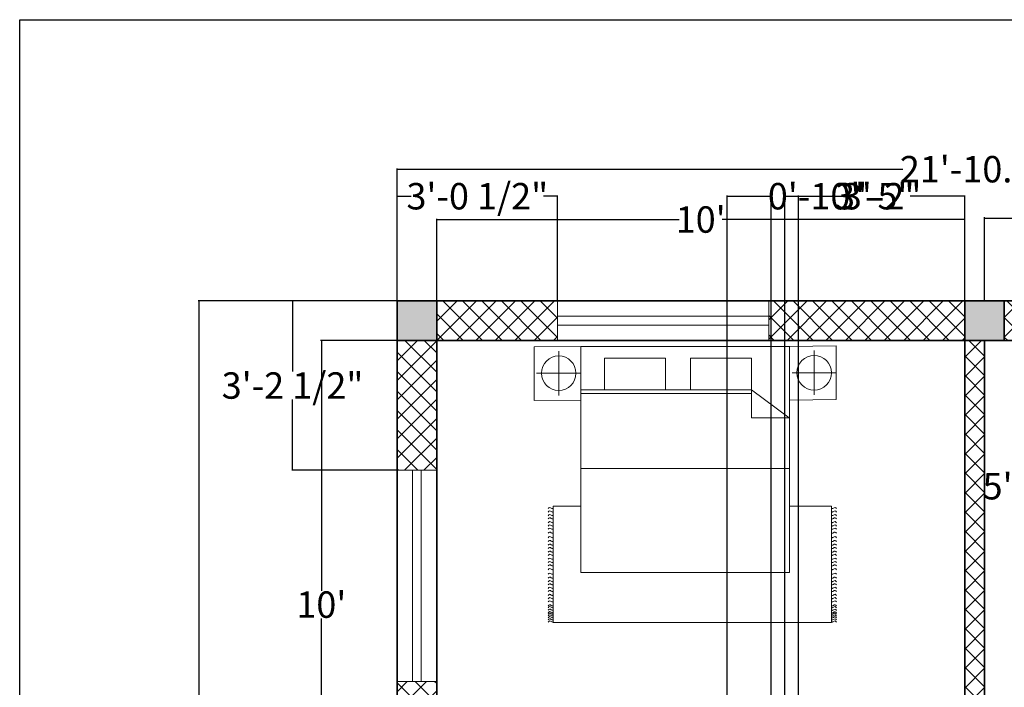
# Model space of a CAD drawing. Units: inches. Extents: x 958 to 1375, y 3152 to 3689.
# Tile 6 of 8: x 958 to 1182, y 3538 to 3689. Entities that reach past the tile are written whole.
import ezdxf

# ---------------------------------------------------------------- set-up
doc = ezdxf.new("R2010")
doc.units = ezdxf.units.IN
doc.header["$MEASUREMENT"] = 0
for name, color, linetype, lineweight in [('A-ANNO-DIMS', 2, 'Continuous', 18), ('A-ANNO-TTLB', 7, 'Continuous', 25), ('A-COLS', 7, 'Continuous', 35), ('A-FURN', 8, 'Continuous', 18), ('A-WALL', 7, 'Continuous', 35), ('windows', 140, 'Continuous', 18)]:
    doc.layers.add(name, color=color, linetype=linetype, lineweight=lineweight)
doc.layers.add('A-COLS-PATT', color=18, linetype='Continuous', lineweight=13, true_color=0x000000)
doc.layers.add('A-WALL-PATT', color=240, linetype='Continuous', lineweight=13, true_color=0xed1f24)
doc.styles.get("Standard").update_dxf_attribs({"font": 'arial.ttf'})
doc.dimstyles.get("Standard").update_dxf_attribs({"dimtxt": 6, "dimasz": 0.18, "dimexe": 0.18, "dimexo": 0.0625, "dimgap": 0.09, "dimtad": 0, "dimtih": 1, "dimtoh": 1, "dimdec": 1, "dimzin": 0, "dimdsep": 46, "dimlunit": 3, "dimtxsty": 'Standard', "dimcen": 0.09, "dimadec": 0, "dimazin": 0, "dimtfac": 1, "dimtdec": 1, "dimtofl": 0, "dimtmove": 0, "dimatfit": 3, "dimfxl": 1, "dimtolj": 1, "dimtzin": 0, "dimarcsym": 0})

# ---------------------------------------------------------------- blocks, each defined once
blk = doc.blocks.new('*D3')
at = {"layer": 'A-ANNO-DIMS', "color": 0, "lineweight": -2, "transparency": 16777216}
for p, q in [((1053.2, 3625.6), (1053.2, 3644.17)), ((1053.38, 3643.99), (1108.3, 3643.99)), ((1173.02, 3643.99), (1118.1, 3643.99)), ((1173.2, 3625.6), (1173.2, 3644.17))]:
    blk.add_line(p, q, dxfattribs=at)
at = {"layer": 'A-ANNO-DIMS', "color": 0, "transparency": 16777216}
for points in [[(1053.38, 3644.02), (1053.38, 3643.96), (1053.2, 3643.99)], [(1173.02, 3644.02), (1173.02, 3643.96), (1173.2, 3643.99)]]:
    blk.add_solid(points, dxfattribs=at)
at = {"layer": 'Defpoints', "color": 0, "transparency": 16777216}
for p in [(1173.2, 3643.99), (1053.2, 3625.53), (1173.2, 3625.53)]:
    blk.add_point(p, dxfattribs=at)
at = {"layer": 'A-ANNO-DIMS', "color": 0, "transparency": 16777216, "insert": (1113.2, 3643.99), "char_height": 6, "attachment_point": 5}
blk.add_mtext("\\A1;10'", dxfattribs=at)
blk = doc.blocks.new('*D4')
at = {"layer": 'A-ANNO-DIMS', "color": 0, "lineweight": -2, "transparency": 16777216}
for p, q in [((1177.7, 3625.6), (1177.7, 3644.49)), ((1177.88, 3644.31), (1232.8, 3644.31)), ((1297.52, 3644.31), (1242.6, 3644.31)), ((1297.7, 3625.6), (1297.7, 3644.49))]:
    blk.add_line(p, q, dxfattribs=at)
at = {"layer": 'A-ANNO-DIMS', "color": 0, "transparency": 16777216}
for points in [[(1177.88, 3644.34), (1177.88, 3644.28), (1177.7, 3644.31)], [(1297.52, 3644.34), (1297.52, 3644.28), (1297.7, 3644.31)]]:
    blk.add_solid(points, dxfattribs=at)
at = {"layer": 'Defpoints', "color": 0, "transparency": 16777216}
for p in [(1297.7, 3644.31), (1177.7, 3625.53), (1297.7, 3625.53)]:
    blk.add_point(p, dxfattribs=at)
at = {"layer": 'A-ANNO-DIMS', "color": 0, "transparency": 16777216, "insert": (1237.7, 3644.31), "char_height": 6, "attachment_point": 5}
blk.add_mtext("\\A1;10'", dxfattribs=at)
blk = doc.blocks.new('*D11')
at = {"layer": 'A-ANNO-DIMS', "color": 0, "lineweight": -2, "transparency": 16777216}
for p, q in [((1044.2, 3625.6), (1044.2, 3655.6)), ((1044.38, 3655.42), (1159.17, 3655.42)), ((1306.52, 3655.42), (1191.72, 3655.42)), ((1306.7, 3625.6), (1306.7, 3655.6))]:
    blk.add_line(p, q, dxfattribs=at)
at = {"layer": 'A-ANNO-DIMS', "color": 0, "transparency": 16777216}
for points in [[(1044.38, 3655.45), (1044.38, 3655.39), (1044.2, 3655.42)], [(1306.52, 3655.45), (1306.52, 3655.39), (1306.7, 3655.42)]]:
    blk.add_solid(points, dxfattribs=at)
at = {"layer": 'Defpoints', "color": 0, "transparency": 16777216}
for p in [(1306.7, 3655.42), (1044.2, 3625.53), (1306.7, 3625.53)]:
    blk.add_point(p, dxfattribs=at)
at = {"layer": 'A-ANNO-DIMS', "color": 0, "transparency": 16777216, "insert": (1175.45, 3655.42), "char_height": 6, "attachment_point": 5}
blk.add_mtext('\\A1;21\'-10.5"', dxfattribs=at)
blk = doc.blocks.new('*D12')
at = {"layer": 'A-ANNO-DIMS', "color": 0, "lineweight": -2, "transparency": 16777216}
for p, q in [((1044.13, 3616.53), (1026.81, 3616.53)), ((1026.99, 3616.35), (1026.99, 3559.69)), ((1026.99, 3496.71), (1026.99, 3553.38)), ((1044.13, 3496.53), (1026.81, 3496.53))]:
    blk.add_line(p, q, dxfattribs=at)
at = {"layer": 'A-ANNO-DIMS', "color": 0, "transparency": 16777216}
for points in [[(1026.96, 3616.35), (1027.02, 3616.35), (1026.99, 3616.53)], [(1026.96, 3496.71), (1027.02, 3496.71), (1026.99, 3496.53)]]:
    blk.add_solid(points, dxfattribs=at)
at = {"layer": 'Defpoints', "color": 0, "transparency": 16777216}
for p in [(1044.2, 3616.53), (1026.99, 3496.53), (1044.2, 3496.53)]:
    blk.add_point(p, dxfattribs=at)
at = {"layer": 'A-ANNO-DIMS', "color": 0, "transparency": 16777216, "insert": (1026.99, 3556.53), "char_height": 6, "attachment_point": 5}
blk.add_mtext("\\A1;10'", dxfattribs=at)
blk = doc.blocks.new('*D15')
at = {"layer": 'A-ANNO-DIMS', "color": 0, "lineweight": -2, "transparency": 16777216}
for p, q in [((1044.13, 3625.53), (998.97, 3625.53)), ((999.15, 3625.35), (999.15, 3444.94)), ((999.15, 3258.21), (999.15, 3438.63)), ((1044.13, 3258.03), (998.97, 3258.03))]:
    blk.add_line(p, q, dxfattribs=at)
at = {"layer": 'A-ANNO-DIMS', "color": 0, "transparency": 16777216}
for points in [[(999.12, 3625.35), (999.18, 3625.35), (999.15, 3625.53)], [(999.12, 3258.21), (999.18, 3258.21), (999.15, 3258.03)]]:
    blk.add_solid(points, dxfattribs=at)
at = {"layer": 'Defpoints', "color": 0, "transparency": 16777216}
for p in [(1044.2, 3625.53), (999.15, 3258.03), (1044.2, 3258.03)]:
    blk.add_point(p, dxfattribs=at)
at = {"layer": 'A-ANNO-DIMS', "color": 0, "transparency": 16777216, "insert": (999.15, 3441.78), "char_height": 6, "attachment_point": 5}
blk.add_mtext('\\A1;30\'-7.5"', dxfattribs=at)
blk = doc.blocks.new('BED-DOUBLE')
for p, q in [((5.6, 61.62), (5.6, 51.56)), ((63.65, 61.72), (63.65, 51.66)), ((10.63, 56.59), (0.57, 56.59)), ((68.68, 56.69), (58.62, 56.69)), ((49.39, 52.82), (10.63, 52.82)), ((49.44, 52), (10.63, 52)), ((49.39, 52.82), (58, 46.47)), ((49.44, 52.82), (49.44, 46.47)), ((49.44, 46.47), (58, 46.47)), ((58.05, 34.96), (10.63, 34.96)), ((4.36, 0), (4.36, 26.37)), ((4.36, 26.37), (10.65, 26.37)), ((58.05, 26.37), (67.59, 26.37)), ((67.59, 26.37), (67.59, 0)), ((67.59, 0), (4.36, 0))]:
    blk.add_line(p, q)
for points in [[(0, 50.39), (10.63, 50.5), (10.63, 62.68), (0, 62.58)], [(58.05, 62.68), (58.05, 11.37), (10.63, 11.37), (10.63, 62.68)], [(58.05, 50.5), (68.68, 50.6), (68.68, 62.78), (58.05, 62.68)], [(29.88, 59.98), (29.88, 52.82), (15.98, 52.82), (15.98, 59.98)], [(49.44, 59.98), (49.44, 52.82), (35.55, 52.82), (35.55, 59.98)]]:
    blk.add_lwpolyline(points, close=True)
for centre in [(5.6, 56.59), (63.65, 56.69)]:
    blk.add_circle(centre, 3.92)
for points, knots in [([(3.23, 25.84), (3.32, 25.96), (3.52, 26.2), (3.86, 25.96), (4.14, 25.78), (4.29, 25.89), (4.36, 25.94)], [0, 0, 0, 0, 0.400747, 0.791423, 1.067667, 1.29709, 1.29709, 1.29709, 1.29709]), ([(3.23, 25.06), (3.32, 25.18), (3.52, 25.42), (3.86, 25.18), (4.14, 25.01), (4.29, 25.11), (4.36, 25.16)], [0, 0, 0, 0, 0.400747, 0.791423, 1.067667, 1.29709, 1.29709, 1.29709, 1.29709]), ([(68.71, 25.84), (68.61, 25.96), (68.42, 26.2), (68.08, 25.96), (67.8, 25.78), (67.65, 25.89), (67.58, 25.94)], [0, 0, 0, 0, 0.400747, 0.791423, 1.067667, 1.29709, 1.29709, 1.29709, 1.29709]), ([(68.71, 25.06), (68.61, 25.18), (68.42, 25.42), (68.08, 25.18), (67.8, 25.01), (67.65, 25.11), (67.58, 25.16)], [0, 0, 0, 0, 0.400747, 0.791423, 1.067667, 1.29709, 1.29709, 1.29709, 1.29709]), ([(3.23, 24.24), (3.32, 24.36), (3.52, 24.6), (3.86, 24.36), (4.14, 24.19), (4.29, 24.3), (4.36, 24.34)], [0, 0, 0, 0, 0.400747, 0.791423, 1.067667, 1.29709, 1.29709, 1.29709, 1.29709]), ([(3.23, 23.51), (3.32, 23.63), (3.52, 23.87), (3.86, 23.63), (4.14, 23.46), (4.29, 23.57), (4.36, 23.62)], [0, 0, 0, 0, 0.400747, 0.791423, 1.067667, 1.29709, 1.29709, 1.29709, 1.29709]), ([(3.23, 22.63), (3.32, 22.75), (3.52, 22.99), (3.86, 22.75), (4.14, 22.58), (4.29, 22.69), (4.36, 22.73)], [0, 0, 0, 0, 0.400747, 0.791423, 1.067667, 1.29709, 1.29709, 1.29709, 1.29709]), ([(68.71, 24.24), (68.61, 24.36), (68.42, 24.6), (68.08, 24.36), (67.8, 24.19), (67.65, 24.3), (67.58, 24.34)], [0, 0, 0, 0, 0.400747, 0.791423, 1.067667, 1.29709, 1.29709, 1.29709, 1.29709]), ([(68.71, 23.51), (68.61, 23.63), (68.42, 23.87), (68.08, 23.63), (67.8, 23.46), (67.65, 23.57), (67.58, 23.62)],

○ ○ ○ ○ ○ ○ ○

• **Description of the task**
Pull each line containing "insert" from the records.

• **Reply**
at = {"layer": 'A-ANNO-DIMS', "color": 0, "transparency": 16777216, "insert": (1113.2, 3643.99), "char_height": 6, "attachment_point": 5}
at = {"layer": 'A-ANNO-DIMS', "color": 0, "transparency": 16777216, "insert": (1237.7, 3644.31), "char_height": 6, "attachment_point": 5}
at = {"layer": 'A-ANNO-DIMS', "color": 0, "transparency": 16777216, "insert": (1175.45, 3655.42), "char_height": 6, "attachment_point": 5}
at = {"layer": 'A-ANNO-DIMS', "color": 0, "transparency": 16777216, "insert": (1026.99, 3556.53), "char_height": 6, "attachment_point": 5}
at = {"layer": 'A-ANNO-DIMS', "color": 0, "transparency": 16777216, "insert": (999.15, 3441.78), "char_height": 6, "attachment_point": 5}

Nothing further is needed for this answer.